━━━ Data for the task ━━━

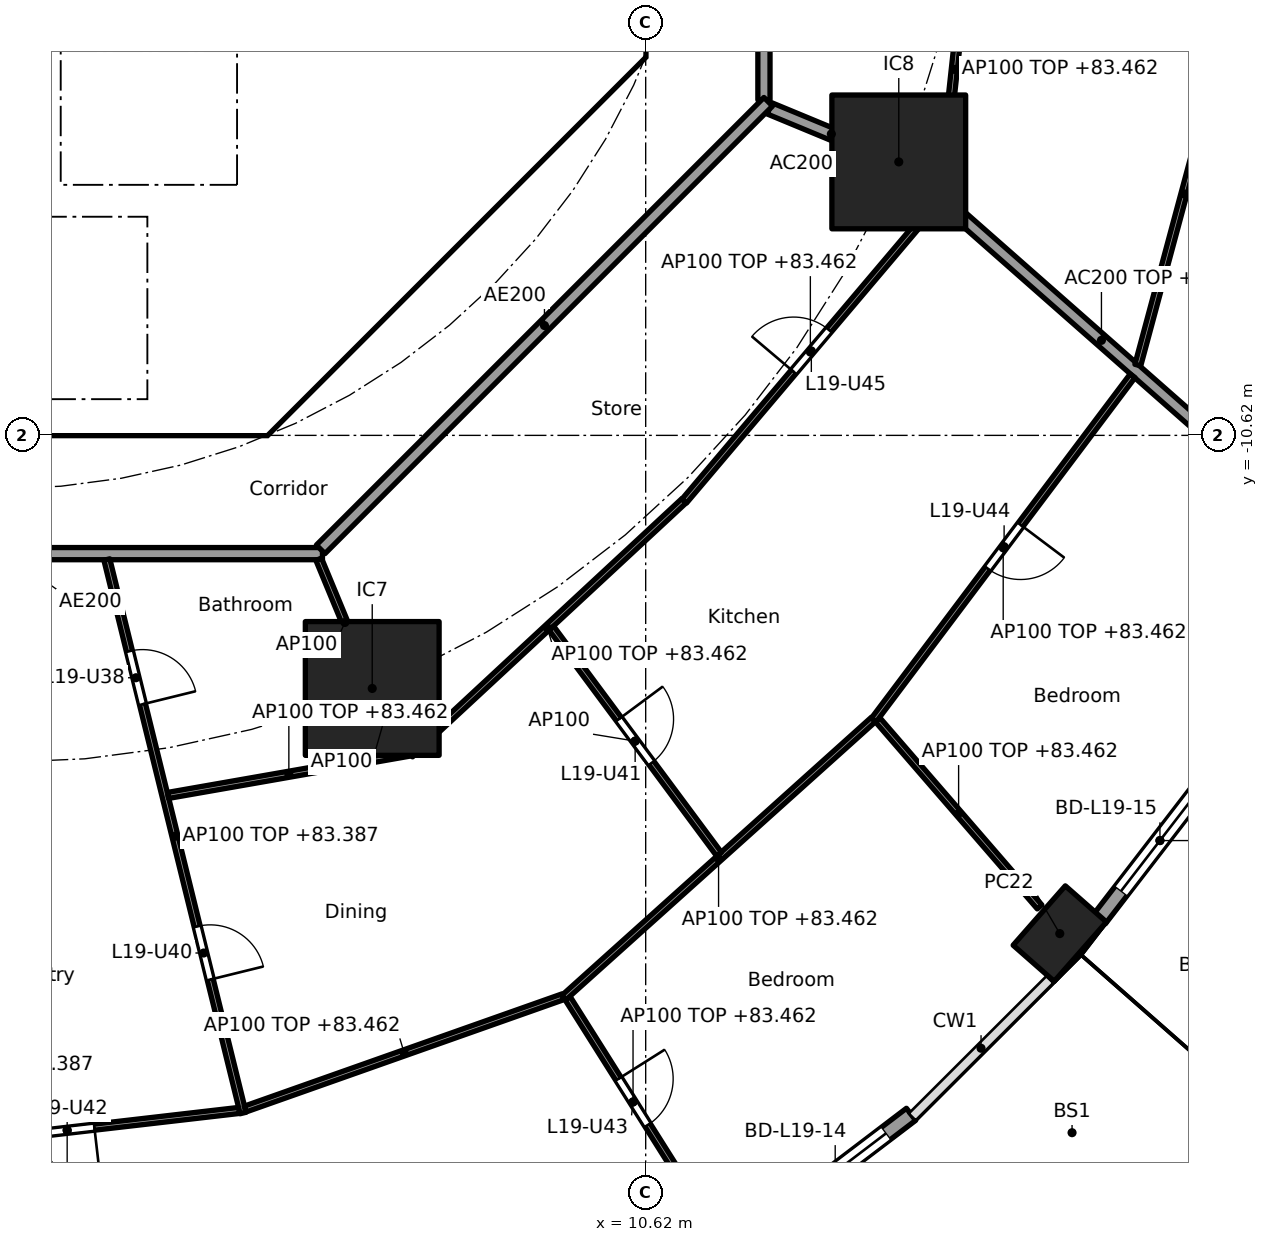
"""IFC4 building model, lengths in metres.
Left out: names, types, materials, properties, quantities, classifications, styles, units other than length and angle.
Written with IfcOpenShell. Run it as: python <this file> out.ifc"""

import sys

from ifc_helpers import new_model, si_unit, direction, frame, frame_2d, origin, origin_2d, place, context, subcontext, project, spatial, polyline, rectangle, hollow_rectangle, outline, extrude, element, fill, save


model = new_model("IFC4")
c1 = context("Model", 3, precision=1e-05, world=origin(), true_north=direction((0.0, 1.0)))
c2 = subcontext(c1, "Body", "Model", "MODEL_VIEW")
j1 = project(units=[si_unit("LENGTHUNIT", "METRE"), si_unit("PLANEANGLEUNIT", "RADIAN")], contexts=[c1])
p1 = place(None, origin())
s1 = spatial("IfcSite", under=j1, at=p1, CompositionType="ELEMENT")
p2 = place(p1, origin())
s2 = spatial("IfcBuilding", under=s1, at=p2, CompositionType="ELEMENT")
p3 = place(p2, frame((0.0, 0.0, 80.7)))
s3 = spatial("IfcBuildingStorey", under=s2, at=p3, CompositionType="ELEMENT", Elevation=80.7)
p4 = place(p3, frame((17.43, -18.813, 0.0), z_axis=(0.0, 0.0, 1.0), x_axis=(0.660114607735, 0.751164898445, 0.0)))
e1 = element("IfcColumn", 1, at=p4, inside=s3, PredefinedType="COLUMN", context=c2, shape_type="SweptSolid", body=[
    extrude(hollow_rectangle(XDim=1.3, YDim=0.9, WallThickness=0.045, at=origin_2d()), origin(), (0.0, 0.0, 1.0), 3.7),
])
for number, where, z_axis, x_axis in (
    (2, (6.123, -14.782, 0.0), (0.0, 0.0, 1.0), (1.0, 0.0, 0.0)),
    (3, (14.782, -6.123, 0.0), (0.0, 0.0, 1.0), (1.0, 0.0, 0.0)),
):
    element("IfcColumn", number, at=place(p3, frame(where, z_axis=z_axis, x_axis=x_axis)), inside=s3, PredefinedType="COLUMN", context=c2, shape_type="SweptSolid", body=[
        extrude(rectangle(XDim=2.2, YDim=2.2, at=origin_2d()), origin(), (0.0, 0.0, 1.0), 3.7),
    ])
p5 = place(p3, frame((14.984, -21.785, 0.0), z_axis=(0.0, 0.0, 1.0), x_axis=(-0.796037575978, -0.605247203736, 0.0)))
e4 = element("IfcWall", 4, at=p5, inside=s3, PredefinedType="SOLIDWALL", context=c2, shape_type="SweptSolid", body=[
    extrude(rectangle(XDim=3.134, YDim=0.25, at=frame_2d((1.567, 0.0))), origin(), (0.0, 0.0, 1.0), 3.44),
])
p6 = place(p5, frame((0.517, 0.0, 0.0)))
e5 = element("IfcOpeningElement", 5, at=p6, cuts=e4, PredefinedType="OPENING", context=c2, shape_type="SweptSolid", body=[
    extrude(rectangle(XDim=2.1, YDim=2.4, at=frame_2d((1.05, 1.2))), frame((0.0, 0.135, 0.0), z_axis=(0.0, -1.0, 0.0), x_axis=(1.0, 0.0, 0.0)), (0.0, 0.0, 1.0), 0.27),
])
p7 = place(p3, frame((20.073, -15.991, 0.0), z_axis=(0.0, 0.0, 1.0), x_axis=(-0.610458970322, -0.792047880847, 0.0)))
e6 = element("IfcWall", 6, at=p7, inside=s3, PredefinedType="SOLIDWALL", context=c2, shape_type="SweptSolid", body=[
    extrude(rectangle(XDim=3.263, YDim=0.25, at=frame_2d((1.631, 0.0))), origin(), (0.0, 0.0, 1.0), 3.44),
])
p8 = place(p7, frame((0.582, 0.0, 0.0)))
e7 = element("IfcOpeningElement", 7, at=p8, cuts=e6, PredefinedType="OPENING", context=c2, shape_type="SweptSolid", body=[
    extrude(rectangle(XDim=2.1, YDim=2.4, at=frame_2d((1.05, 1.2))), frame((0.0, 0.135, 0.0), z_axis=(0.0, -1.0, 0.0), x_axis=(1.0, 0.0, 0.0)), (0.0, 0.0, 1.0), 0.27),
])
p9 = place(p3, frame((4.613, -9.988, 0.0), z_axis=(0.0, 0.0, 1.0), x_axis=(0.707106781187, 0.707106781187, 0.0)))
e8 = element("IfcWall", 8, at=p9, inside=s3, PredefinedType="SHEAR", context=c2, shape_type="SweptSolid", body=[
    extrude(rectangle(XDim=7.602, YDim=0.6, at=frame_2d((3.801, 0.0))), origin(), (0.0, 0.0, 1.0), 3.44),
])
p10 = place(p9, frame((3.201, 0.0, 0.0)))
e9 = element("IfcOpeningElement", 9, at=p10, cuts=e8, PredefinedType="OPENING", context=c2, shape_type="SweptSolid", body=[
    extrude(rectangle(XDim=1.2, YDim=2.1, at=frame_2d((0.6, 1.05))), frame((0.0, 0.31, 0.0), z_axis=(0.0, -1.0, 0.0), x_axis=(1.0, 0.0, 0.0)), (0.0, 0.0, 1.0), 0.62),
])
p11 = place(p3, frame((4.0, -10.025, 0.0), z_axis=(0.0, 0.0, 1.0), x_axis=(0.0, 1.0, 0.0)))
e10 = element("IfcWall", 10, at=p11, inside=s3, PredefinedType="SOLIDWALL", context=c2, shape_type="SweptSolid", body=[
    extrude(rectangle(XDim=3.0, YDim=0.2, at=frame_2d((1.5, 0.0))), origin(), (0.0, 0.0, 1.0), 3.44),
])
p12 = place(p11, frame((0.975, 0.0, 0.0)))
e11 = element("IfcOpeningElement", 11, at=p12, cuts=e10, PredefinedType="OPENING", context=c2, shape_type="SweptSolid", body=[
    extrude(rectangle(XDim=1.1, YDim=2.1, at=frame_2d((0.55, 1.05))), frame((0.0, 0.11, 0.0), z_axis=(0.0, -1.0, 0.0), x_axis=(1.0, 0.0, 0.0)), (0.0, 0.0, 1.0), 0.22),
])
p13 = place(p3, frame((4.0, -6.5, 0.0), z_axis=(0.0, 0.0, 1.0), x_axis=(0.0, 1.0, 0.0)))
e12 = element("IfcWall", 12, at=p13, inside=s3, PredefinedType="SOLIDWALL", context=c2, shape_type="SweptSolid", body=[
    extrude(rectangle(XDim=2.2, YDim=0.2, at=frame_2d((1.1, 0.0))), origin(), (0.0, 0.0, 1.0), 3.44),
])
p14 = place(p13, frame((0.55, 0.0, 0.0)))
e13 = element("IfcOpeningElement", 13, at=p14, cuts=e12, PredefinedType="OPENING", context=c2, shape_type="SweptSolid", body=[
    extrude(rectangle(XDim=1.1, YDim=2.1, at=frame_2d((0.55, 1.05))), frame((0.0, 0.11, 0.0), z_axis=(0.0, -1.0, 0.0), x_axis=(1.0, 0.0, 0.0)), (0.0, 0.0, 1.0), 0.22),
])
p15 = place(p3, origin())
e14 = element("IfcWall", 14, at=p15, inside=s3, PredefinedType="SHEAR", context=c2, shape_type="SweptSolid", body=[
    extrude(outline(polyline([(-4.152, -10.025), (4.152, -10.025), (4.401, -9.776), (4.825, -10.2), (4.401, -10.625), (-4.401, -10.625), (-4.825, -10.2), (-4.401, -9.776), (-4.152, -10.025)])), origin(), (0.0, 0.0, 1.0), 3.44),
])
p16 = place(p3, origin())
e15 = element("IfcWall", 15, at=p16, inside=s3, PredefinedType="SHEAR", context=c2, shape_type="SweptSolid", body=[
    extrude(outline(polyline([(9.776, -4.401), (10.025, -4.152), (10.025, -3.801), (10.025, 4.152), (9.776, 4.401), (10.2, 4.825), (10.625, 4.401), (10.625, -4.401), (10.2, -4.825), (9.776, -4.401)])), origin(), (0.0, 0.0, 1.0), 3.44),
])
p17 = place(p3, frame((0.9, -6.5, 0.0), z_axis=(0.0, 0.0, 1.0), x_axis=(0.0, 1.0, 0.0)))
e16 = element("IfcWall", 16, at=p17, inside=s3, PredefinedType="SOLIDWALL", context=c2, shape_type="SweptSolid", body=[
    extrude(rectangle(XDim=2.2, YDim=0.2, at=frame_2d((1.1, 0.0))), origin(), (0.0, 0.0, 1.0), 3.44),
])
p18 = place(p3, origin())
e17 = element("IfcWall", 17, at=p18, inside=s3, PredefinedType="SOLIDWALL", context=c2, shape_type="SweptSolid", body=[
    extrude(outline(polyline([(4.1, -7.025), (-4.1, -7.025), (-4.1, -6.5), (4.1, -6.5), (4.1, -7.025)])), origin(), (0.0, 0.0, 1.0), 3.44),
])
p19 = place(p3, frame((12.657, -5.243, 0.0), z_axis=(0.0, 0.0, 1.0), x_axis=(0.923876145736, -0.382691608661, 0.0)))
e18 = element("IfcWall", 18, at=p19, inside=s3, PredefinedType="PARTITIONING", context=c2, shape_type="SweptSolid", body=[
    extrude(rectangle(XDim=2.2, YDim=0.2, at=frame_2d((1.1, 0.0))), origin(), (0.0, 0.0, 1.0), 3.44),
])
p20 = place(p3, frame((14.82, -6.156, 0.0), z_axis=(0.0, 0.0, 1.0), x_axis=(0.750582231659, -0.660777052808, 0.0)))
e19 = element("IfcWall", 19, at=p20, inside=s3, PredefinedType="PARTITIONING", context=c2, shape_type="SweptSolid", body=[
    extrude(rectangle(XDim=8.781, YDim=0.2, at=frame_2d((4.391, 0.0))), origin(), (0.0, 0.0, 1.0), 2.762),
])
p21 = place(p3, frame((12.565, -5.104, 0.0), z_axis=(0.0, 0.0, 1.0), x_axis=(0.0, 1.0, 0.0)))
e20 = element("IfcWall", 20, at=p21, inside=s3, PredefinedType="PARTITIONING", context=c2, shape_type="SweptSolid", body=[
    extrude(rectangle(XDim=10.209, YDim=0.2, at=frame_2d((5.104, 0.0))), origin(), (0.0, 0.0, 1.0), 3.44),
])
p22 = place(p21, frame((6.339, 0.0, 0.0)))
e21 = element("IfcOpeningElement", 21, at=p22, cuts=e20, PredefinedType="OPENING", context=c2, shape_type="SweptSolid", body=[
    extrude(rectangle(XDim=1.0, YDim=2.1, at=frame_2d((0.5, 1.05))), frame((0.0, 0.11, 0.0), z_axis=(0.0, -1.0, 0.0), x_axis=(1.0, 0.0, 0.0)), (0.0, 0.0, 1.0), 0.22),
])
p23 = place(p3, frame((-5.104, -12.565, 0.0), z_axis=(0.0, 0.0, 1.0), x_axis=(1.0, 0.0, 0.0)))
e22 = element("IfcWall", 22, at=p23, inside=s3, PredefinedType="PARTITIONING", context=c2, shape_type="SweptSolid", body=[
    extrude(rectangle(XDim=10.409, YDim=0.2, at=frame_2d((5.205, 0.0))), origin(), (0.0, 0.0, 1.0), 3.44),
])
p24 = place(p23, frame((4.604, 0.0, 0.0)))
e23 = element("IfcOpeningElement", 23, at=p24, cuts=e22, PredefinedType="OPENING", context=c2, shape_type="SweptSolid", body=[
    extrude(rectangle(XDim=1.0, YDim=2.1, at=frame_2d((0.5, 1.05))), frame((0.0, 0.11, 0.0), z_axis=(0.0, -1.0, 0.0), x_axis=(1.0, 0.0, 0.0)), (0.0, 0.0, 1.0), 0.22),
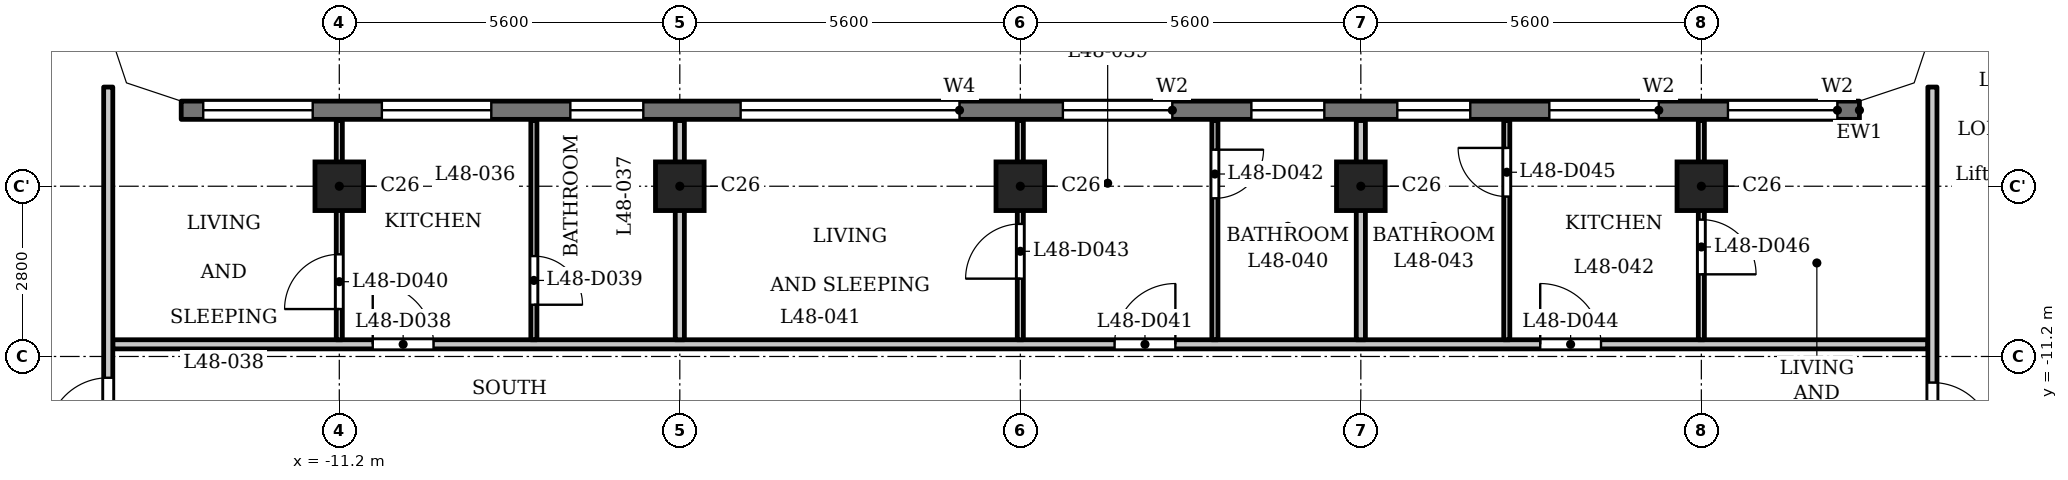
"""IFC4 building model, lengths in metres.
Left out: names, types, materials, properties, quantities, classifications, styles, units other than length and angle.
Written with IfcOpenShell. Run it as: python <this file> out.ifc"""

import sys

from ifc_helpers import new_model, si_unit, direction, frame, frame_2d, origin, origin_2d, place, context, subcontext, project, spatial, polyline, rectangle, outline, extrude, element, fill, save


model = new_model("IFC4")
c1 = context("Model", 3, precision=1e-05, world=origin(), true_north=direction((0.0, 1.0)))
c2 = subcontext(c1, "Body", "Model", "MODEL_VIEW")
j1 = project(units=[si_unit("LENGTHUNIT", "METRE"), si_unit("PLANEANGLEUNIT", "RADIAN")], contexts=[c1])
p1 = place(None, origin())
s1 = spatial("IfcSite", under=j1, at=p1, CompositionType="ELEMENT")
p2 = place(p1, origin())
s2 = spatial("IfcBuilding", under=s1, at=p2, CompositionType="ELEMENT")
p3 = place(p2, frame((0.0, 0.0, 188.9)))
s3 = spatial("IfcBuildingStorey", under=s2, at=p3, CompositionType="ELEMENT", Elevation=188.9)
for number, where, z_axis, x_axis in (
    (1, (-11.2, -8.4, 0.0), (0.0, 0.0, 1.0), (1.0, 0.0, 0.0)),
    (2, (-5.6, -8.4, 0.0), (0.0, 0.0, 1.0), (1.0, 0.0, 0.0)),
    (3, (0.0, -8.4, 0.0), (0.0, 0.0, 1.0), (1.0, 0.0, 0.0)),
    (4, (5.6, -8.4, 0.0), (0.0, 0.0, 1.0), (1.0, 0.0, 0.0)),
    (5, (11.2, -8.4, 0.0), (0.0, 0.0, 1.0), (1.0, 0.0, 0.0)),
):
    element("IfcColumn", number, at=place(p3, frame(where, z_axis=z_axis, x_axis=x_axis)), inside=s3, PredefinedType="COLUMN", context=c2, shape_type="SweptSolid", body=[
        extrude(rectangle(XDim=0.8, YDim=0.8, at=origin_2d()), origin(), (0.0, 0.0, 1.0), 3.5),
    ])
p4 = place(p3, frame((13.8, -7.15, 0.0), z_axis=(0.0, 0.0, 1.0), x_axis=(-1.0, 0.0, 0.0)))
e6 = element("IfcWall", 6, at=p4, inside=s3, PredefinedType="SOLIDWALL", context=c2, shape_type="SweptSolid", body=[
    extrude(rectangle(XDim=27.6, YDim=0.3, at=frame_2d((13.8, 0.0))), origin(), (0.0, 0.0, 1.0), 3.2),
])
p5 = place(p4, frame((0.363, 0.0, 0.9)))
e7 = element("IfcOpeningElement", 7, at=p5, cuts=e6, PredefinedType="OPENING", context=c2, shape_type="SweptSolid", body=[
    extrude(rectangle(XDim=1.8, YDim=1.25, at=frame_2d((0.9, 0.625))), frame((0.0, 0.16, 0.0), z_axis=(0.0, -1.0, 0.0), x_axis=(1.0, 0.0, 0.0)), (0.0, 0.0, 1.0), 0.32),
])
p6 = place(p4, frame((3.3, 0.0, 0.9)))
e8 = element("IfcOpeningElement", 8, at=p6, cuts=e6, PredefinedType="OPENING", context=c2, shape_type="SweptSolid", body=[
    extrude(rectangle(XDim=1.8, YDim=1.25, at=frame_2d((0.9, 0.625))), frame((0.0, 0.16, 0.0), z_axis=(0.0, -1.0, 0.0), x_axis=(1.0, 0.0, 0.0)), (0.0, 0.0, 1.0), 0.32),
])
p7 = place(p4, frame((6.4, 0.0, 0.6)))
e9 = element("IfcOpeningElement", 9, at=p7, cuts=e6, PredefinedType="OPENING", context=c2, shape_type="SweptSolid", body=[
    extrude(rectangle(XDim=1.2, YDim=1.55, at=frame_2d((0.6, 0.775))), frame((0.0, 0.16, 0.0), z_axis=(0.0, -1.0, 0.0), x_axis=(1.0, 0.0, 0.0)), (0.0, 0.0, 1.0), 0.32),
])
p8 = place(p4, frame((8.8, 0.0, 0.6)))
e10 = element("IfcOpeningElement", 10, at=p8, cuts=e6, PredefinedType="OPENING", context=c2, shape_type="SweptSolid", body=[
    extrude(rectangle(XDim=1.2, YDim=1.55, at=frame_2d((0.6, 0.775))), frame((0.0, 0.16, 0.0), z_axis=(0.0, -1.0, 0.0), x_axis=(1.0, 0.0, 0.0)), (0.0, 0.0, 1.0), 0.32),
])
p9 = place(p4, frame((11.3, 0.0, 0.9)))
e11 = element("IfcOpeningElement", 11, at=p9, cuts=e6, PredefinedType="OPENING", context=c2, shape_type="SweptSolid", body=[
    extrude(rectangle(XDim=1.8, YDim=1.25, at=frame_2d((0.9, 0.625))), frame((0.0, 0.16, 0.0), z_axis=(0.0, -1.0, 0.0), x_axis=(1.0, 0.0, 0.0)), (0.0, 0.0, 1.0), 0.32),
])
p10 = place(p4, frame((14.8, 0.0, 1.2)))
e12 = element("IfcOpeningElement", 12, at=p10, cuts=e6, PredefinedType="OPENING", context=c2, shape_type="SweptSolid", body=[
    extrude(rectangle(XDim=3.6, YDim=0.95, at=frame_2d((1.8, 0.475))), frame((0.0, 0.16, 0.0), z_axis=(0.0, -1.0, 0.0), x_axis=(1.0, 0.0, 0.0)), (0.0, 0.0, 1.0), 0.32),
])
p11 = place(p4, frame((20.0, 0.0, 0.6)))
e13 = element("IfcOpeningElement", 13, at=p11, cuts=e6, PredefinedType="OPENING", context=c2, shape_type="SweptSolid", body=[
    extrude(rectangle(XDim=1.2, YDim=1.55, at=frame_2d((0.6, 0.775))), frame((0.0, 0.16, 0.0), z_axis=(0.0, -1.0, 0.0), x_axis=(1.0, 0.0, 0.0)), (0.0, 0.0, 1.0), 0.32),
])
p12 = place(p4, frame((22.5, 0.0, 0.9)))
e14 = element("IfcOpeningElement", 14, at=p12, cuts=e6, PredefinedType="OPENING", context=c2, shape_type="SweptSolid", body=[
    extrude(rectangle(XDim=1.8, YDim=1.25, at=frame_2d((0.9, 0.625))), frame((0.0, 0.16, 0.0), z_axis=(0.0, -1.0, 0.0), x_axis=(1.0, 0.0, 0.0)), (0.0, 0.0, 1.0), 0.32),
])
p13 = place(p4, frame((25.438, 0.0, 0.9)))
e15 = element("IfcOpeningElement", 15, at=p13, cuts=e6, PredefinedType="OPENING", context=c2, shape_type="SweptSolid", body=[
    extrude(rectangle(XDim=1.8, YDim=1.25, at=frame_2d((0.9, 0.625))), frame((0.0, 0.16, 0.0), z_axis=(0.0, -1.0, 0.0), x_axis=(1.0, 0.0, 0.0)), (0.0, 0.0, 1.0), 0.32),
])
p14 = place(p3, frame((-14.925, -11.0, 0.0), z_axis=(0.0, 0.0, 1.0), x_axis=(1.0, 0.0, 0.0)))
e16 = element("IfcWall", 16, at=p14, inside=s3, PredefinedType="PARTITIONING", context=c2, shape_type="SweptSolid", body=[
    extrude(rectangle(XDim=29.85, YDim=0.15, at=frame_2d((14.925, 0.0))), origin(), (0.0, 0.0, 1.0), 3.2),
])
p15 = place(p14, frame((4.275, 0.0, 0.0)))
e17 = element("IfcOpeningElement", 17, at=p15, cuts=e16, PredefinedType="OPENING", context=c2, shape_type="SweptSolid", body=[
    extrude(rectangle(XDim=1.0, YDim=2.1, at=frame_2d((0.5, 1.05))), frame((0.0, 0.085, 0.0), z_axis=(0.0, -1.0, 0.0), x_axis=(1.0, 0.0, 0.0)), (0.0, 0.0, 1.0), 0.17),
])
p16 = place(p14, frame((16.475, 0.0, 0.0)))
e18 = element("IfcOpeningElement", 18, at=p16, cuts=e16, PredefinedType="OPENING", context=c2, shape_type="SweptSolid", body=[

━━━

**Work item:** Reproduce each line from the data that has "subcontext" in it.

**Result below:**
from ifc_helpers import new_model, si_unit, direction, frame, frame_2d, origin, origin_2d, place, context, subcontext, project, spatial, polyline, rectangle, hollow_rectangle, outline, extrude, element, fill, save
c2 = subcontext(c1, "Body", "Model", "MODEL_VIEW")
from ifc_helpers import new_model, si_unit, direction, frame, frame_2d, origin, origin_2d, place, context, subcontext, project, spatial, polyline, rectangle, outline, extrude, element, fill, save
c2 = subcontext(c1, "Body", "Model", "MODEL_VIEW")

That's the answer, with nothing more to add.